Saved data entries
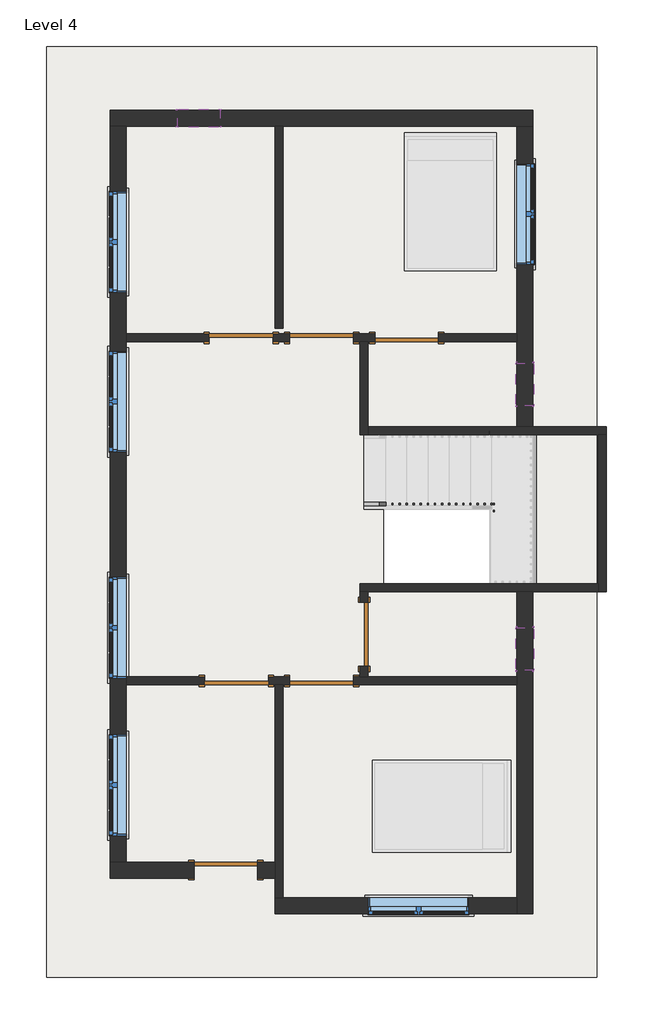
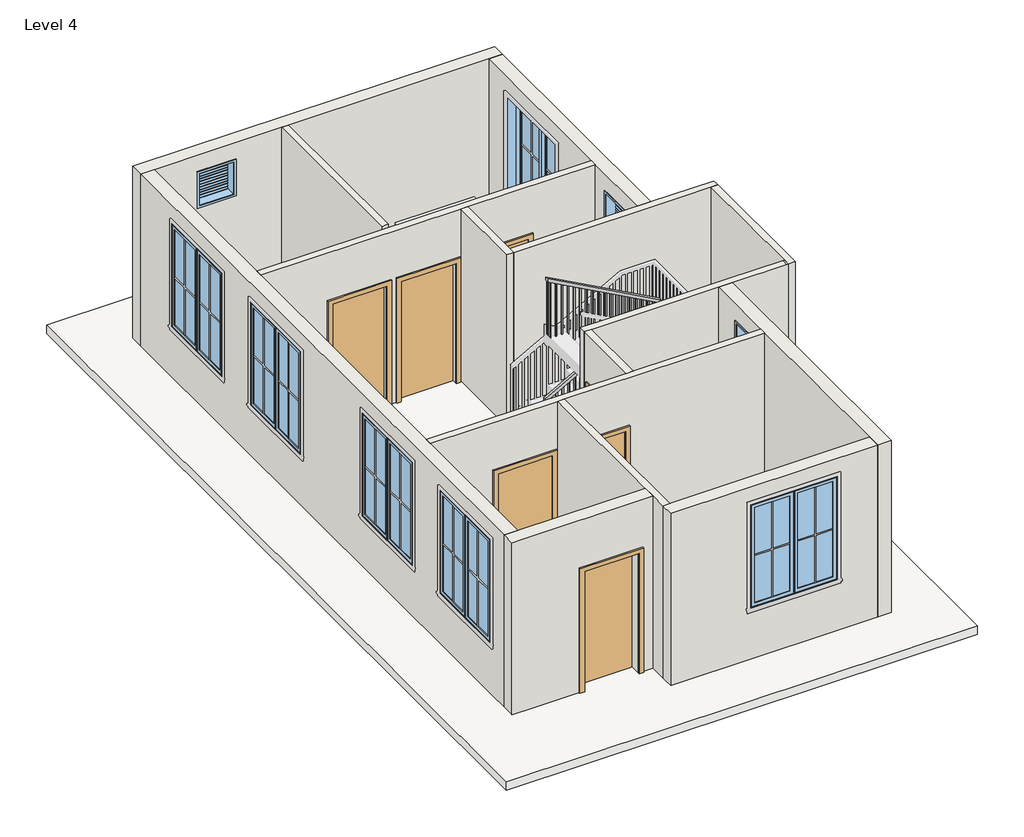
# One storey, part 1 of 2: 15 walls, 9 windows, 7 doors, 1 railing, 1 roof.
"""IFC4 building model written with IfcOpenShell, lengths in millimetres."""

from ifc_helpers import new_model, si_unit, frame, origin, place, context, project, spatial, polyline, outline, extrude, faceted_brep, transform, mapped, element, save
from components import door_e5f9f3c4, door_305aa2a5, door_0ca8825f, window_9ac97e1a, window_f2d8fef0

model = new_model("IFC4")

# Units and contexts
model_context = context("Model", 3, world=origin())
ifc_project = project(units=[si_unit("LENGTHUNIT", "METRE", prefix="MILLI")], contexts=[model_context])

# Site, building, storey
site = spatial("IfcSite", under=ifc_project)
building = spatial("IfcBuilding", under=site)
storey = spatial("IfcBuildingStorey", under=building, Name="Level 4", Elevation=6400.8)

# Doors
placement = place(None, origin())
door_shape = door_e5f9f3c4(model_context)
element("IfcDoor", 1, ObjectType="Single-Flush : 36\" x 84\"", at=placement, inside=storey, context=model_context, shape_type="MappedRepresentation", body=[
    mapped(door_shape, transform((-2929.7888307, 2238.9017201, 6400.8), x_axis=(1.0, 0.0, 0.0), y_axis=(0.0, 1.0, 0.0), z_axis=(0.0, 0.0, 1.0))),
])
element("IfcDoor", 2, ObjectType="Single-Flush : 36\" x 84\"", at=placement, inside=storey, context=model_context, shape_type="MappedRepresentation", body=[
    mapped(door_shape, transform((-558.0638307, 2238.9017201, 6400.8), x_axis=(-1.0, 0.0, 0.0), y_axis=(0.0, -1.0, 0.0), z_axis=(0.0, 0.0, 1.0))),
])
element("IfcDoor", 3, ObjectType="Single-Flush : 36\" x 84\"", at=placement, inside=storey, context=model_context, shape_type="MappedRepresentation", body=[
    mapped(door_shape, transform((-1167.6638307, -2009.2482799, 6400.8), x_axis=(0.0, -1.0, 0.0), y_axis=(1.0, 0.0, 0.0), z_axis=(0.0, 0.0, 1.0))),
])
element("IfcDoor", 4, ObjectType="Single-Flush : 36\" x 84\"", at=placement, inside=storey, context=model_context, shape_type="MappedRepresentation", body=[
    mapped(door_shape, transform((-1777.2638307, -2675.9982799, 6400.8), x_axis=(-1.0, 0.0, 0.0), y_axis=(0.0, -1.0, 0.0), z_axis=(0.0, 0.0, 1.0))),
])
door_2_shape = door_305aa2a5(model_context)
element("IfcDoor", 5, ObjectType="Single-Flush : 36\" x 84\"", at=placement, inside=storey, context=model_context, shape_type="MappedRepresentation", body=[
    mapped(door_2_shape, transform((-1777.2638307, 2238.9017201, 6400.8), x_axis=(-1.0, 0.0, 0.0), y_axis=(0.0, -1.0, 0.0), z_axis=(0.0, 0.0, 1.0))),
])
element("IfcDoor", 6, ObjectType="Single-Flush : 36\" x 84\"", at=placement, inside=storey, context=model_context, shape_type="MappedRepresentation", body=[
    mapped(door_2_shape, transform((-2996.4638307, -2675.9982799, 6400.8), x_axis=(1.0, 0.0, 0.0), y_axis=(0.0, 1.0, 0.0), z_axis=(0.0, 0.0, 1.0))),
])
door_3_shape = door_0ca8825f(model_context)
element("IfcDoor", 7, ObjectType="Single-Flush : 36\" x 84\"", at=placement, inside=storey, context=model_context, shape_type="MappedRepresentation", body=[
    mapped(door_3_shape, transform((-3148.8638307, -5387.4482799, 6400.8), x_axis=(1.0, 0.0, 0.0), y_axis=(0.0, 1.0, 0.0), z_axis=(0.0, 0.0, 1.0))),
])

# Railing
element("IfcRailing", 8, ObjectType="Handrail - Rectangular", at=placement, inside=storey, context=model_context, shape_type="SolidModel", body=[
    faceted_brep([(-1167.6638307, -116.9482799, 7484.5333333), (-1167.6638307, -116.9482799, 7426.4675836), (-1167.6638307, -167.7482799, 7426.4675836), (-1167.6638307, -167.7482799, 7484.5333333), (591.2861693, -116.9482799, 8458.3464821), (642.0861693, -116.9482799, 8428.4052998), (642.0861693, -167.7482799, 8428.4052998), (591.2861693, -167.7482799, 8458.3464821), (591.2861693, -116.9482799, 8500.5333333), (642.0861693, -116.9482799, 8449.7333333), (642.0861693, -167.7482799, 8449.7333333), (591.2861693, -167.7482799, 8500.5333333), (718.2861693, -116.9482799, 8500.5333333), (718.2861693, -116.9482799, 8449.7333333), (667.4861693, -167.7482799, 8449.7333333), (667.4861693, -167.7482799, 8500.5333333), (718.2861693, -218.5482799, 8500.5333333), (667.4861693, -218.5482799, 8500.5333333), (667.4861693, -269.3482799, 8449.7333333), (718.2861693, -269.3482799, 8449.7333333)], [[[0, 1, 2, 3]], [[1, 0, 4, 5]], [[2, 1, 5, 6]], [[3, 2, 6, 7]], [[0, 3, 7, 4]], [[5, 4, 8, 9]], [[6, 5, 9, 10]], [[7, 6, 10, 11]], [[4, 7, 11, 8]], [[9, 8, 12, 13]], [[10, 9, 13, 14]], [[11, 10, 14, 15]], [[8, 11, 15, 12]], [[16, 17, 18, 19]], [[13, 12, 16, 19]], [[14, 13, 19, 18]], [[15, 14, 18, 17]], [[12, 15, 17, 16]]]),
    faceted_brep([(718.2861693, -218.5482799, 8500.5333333), (718.2861693, -269.3482799, 8449.7333333), (667.4861693, -269.3482799, 8449.7333333), (667.4861693, -218.5482799, 8500.5333333), (718.2861693, -218.5482799, 8642.0310502), (667.4861693, -218.5482799, 8611.9403208), (667.4861693, -269.3482799, 8611.9403208), (718.2861693, -269.3482799, 8642.0310502)], [[[0, 1, 2, 3]], [[4, 5, 6, 7]], [[1, 0, 4, 7]], [[2, 1, 7, 6]], [[3, 2, 6, 5]], [[0, 3, 5, 4]]]),
    faceted_brep([(718.2861693, -269.3482799, 8642.0310502), (667.4861693, -269.3482799, 8611.9403208), (667.4861693, -218.5482799, 8611.9403208), (718.2861693, -218.5482799, 8642.0310502), (-1186.7138307, -269.3482799, 9685.8666667), (-1186.7138307, -218.5482799, 9685.8666667), (-1186.7138307, -218.5482799, 9627.9403208), (-1186.7138307, -269.3482799, 9627.9403208)], [[[0, 1, 2, 3]], [[4, 5, 6, 7]], [[1, 0, 4, 7]], [[2, 1, 7, 6]], [[3, 2, 6, 5]], [[0, 3, 5, 4]]]),
    extrude(outline(polyline([(9594.8855263, -1126.3888307), (9605.3238825, -1145.4388307), (8602.1333333, -1145.4388307), (8602.1333333, -1126.3888307), (9594.8855263, -1126.3888307)])), frame((0.0, -253.4732799, 0.0), z_axis=(0.0, 1.0, 0.0), x_axis=(0.0, 0.0, 1.0)), (0.0, 0.0, 1.0), 19.05),
    extrude(outline(polyline([(9539.2142934, -1024.7888307), (9549.6526496, -1043.8388307), (8602.1333333, -1043.8388307), (8602.1333333, -1024.7888307), (9539.2142934, -1024.7888307)])), frame((0.0, -253.4732799, 0.0), z_axis=(0.0, 1.0, 0.0), x_axis=(0.0, 0.0, 1.0)), (0.0, 0.0, 1.0), 19.05),
    extrude(outline(polyline([(9483.5430606, -923.1888307), (9493.9814167, -942.2388307), (8602.1333333, -942.2388307), (8602.1333333, -923.1888307), (9483.5430606, -923.1888307)])), frame((0.0, -253.4732799, 0.0), z_axis=(0.0, 1.0, 0.0), x_axis=(0.0, 0.0, 1.0)), (0.0, 0.0, 1.0), 19.05),
    extrude(outline(polyline([(9427.8718277, -821.5888307), (9438.3101838, -840.6388307), (8432.8, -840.6388307), (8432.8, -821.5888307), (9427.8718277, -821.5888307)])), frame((0.0, -253.4732799, 0.0), z_axis=(0.0, 1.0, 0.0), x_axis=(0.0, 0.0, 1.0)), (0.0, 0.0, 1.0), 19.05),
    extrude(outline(polyline([(9372.2005948, -719.9888307), (9382.638951, -739.0388307), (8432.8, -739.0388307), (8432.8, -719.9888307), (9372.2005948, -719.9888307)])), frame((0.0, -253.4732799, 0.0), z_axis=(0.0, 1.0, 0.0), x_axis=(0.0, 0.0, 1.0)), (0.0, 0.0, 1.0), 19.05),
    extrude(outline(polyline([(9316.5293619, -618.3888307), (9326.9677181, -637.4388307), (8432.8, -637.4388307), (8432.8, -618.3888307), (9316.5293619, -618.3888307)])), frame((0.0, -253.4732799, 0.0), z_axis=(0.0, 1.0, 0.0), x_axis=(0.0, 0.0, 1.0)), (0.0, 0.0, 1.0), 19.05),
    extrude(outline(polyline([(9260.858129, -516.7888307), (9271.2964852, -535.8388307), (8263.4666667, -535.8388307), (8263.4666667, -516.7888307), (9260.858129, -516.7888307)])), frame((0.0, -253.4732799, 0.0), z_axis=(0.0, 1.0, 0.0), x_axis=(0.0, 0.0, 1.0)), (0.0, 0.0, 1.0), 19.05),
    extrude(outline(polyline([(9205.1868962, -415.1888307), (9215.6252523, -434.2388307), (8263.4666667, -434.2388307), (8263.4666667, -415.1888307), (9205.1868962, -415.1888307)])), frame((0.0, -253.4732799, 0.0), z_axis=(0.0, 1.0, 0.0), x_axis=(0.0, 0.0, 1.0)), (0.0, 0.0, 1.0), 19.05),
    extrude(outline(polyline([(9149.5156633, -313.5888307), (9159.9540195, -332.6388307), (8263.4666667, -332.6388307), (8263.4666667, -313.5888307), (9149.5156633, -313.5888307)])), frame((0.0, -253.4732799, 0.0), z_axis=(0.0, 1.0, 0.0), x_axis=(0.0, 0.0, 1.0)), (0.0, 0.0, 1.0), 19.05),
    extrude(outline(polyline([(9093.8444304, -211.9888307), (9104.2827866, -231.0388307), (8094.1333333, -231.0388307), (8094.1333333, -211.9888307), (9093.8444304, -211.9888307)])), frame((0.0, -253.4732799, 0.0), z_axis=(0.0, 1.0, 0.0), x_axis=(0.0, 0.0, 1.0)), (0.0, 0.0, 1.0), 19.05),
    extrude(outline(polyline([(9038.1731975, -110.3888307), (9048.6115537, -129.4388307), (8094.1333333, -129.4388307), (8094.1333333, -110.3888307), (9038.1731975, -110.3888307)])), frame((0.0, -253.4732799, 0.0), z_axis=(0.0, 1.0, 0.0), x_axis=(0.0, 0.0, 1.0)), (0.0, 0.0, 1.0), 19.05),
    extrude(outline(polyline([(8982.5019647, -8.7888307), (8992.9403208, -27.8388307), (8094.1333333, -27.8388307), (8094.1333333, -8.7888307), (8982.5019647, -8.7888307)])), frame((0.0, -253.4732799, 0.0), z_axis=(0.0, 1.0, 0.0), x_axis=(0.0, 0.0, 1.0)), (0.0, 0.0, 1.0), 19.05),
    extrude(outline(polyline([(8926.8307318, 92.8111693), (8937.2690879, 73.7611693), (7924.8, 73.7611693), (7924.8, 92.8111693), (8926.8307318, 92.8111693)])), frame((0.0, -253.4732799, 0.0), z_axis=(0.0, 1.0, 0.0), x_axis=(0.0, 0.0, 1.0)), (0.0, 0.0, 1.0), 19.05),
    extrude(outline(polyline([(8871.1594989, 194.4111693), (8881.5978551, 175.3611693), (7924.8, 175.3611693), (7924.8, 194.4111693), (8871.1594989, 194.4111693)])), frame((0.0, -253.4732799, 0.0), z_axis=(0.0, 1.0, 0.0), x_axis=(0.0, 0.0, 1.0)), (0.0, 0.0, 1.0), 19.05),
    extrude(outline(polyline([(8815.488266, 296.0111693), (8825.9266222, 276.9611693), (7924.8, 276.9611693), (7924.8, 296.0111693), (8815.488266, 296.0111693)])), frame((0.0, -253.4732799, 0.0), z_axis=(0.0, 1.0, 0.0), x_axis=(0.0, 0.0, 1.0)), (0.0, 0.0, 1.0), 19.05),
    extrude(outline(polyline([(8759.8170332, 397.6111693), (8770.2553893, 378.5611693), (7755.4666667, 378.5611693), (7755.4666667, 397.6111693), (8759.8170332, 397.6111693)])), frame((0.0, -253.4732799, 0.0), z_axis=(0.0, 1.0, 0.0), x_axis=(0.0, 0.0, 1.0)), (0.0, 0.0, 1.0), 19.05),
    extrude(outline(polyline([(8704.1458003, 499.2111693), (8714.5841564, 480.1611693), (7755.4666667, 480.1611693), (7755.4666667, 499.2111693), (8704.1458003, 499.2111693)])), frame((0.0, -253.4732799, 0.0), z_axis=(0.0, 1.0, 0.0), x_axis=(0.0, 0.0, 1.0)), (0.0, 0.0, 1.0), 19.05),
    extrude(outline(polyline([(8648.4745674, 600.8111693), (8658.9129236, 581.7611693), (7755.4666667, 581.7611693), (7755.4666667, 600.8111693), (8648.4745674, 600.8111693)])), frame((0.0, -253.4732799, 0.0), z_axis=(0.0, 1.0, 0.0), x_axis=(0.0, 0.0, 1.0)), (0.0, 0.0, 1.0), 19.05),
    extrude(outline(polyline([(651.6111693, -151.8732799), (651.6111693, -132.8232799), (670.6611693, -132.8232799), (670.6611693, -151.8732799), (651.6111693, -151.8732799)])), frame((0.0, 0.0, 7416.8), z_axis=(0.0, 0.0, 1.0), x_axis=(1.0, 0.0, 0.0)), (0.0, 0.0, 1.0), 1032.9333333),
    extrude(outline(polyline([(8387.9762341, 569.0611693), (8377.4295213, 550.0111693), (7416.8, 550.0111693), (7416.8, 569.0611693), (8387.9762341, 569.0611693)])), frame((0.0, -151.8732799, 0.0), z_axis=(0.0, 1.0, 0.0), x_axis=(0.0, 0.0, 1.0)), (0.0, 0.0, 1.0), 19.05),
    extrude(outline(polyline([(8331.7270991, 467.4611693), (8321.1803863, 448.4111693), (7416.8, 448.4111693), (7416.8, 467.4611693), (8331.7270991, 467.4611693)])), frame((0.0, -151.8732799, 0.0), z_axis=(0.0, 1.0, 0.0), x_axis=(0.0, 0.0, 1.0)), (0.0, 0.0, 1.0), 19.05),
    extrude(outline(polyline([(8275.4779642, 365.8611693), (8264.9312514, 346.8111693), (7247.4666667, 346.8111693), (7247.4666667, 365.8611693), (8275.4779642, 365.8611693)])), frame((0.0, -151.8732799, 0.0), z_axis=(0.0, 1.0, 0.0), x_axis=(0.0, 0.0, 1.0)), (0.0, 0.0, 1.0), 19.05),
    extrude(outline(polyline([(8219.2288292, 264.2611693), (8208.6821164, 245.2111693), (7247.4666667, 245.2111693), (7247.4666667, 264.2611693), (8219.2288292, 264.2611693)])), frame((0.0, -151.8732799, 0.0), z_axis=(0.0, 1.0, 0.0), x_axis=(0.0, 0.0, 1.0)), (0.0, 0.0, 1.0), 19.05),
    extrude(outline(polyline([(8162.9796943, 162.6611693), (8152.4329815, 143.6111693), (7247.4666667, 143.6111693), (7247.4666667, 162.6611693), (8162.9796943, 162.6611693)])), frame((0.0, -151.8732799, 0.0), z_axis=(0.0, 1.0, 0.0), x_axis=(0.0, 0.0, 1.0)), (0.0, 0.0, 1.0), 19.05),
    extrude(outline(polyline([(8106.7305593, 61.0611693), (8096.1838465, 42.0111693), (7078.1333333, 42.0111693), (7078.1333333, 61.0611693), (8106.7305593, 61.0611693)])), frame((0.0, -151.8732799, 0.0), z_axis=(0.0, 1.0, 0.0), x_axis=(0.0, 0.0, 1.0)), (0.0, 0.0, 1.0), 19.05),
    extrude(outline(polyline([(8050.4814244, -40.5388307), (8039.9347116, -59.5888307), (7078.1333333, -59.5888307), (7078.1333333, -40.5388307), (8050.4814244, -40.5388307)])), frame((0.0, -151.8732799, 0.0), z_axis=(0.0, 1.0, 0.0), x_axis=(0.0, 0.0, 1.0)), (0.0, 0.0, 1.0), 19.05),
    extrude(outline(polyline([(7994.2322895, -142.1388307), (7983.6855766, -161.1888307), (7078.1333333, -161.1888307), (7078.1333333, -142.1388307), (7994.2322895, -142.1388307)])), frame((0.0, -151.8732799, 0.0), z_axis=(0.0, 1.0, 0.0), x_axis=(0.0, 0.0, 1.0)), (0.0, 0.0, 1.0), 19.05),
    extrude(outline(polyline([(7937.9831545, -243.7388307), (7927.4364417, -262.7888307), (6908.8, -262.7888307), (6908.8, -243.7388307), (7937.9831545, -243.7388307)])), frame((0.0, -151.8732799, 0.0), z_axis=(0.0, 1.0, 0.0), x_axis=(0.0, 0.0, 1.0)), (0.0, 0.0, 1.0), 19.05),
    extrude(outline(polyline([(7881.7340196, -345.3388307), (7871.1873068, -364.3888307), (6908.8, -364.3888307), (6908.8, -345.3388307), (7881.7340196, -345.3388307)])), frame((0.0, -151.8732799, 0.0), z_axis=(0.0, 1.0, 0.0), x_axis=(0.0, 0.0, 1.0)), (0.0, 0.0, 1.0), 19.05),
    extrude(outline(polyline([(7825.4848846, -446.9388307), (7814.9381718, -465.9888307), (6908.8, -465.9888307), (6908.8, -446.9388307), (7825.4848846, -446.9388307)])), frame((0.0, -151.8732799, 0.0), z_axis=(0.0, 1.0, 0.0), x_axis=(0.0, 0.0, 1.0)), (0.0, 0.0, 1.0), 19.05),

#### [About this task]
Reply with the number of lines in the data above that contain "spatial", and with nothing else.

#### [Reply to the task]
4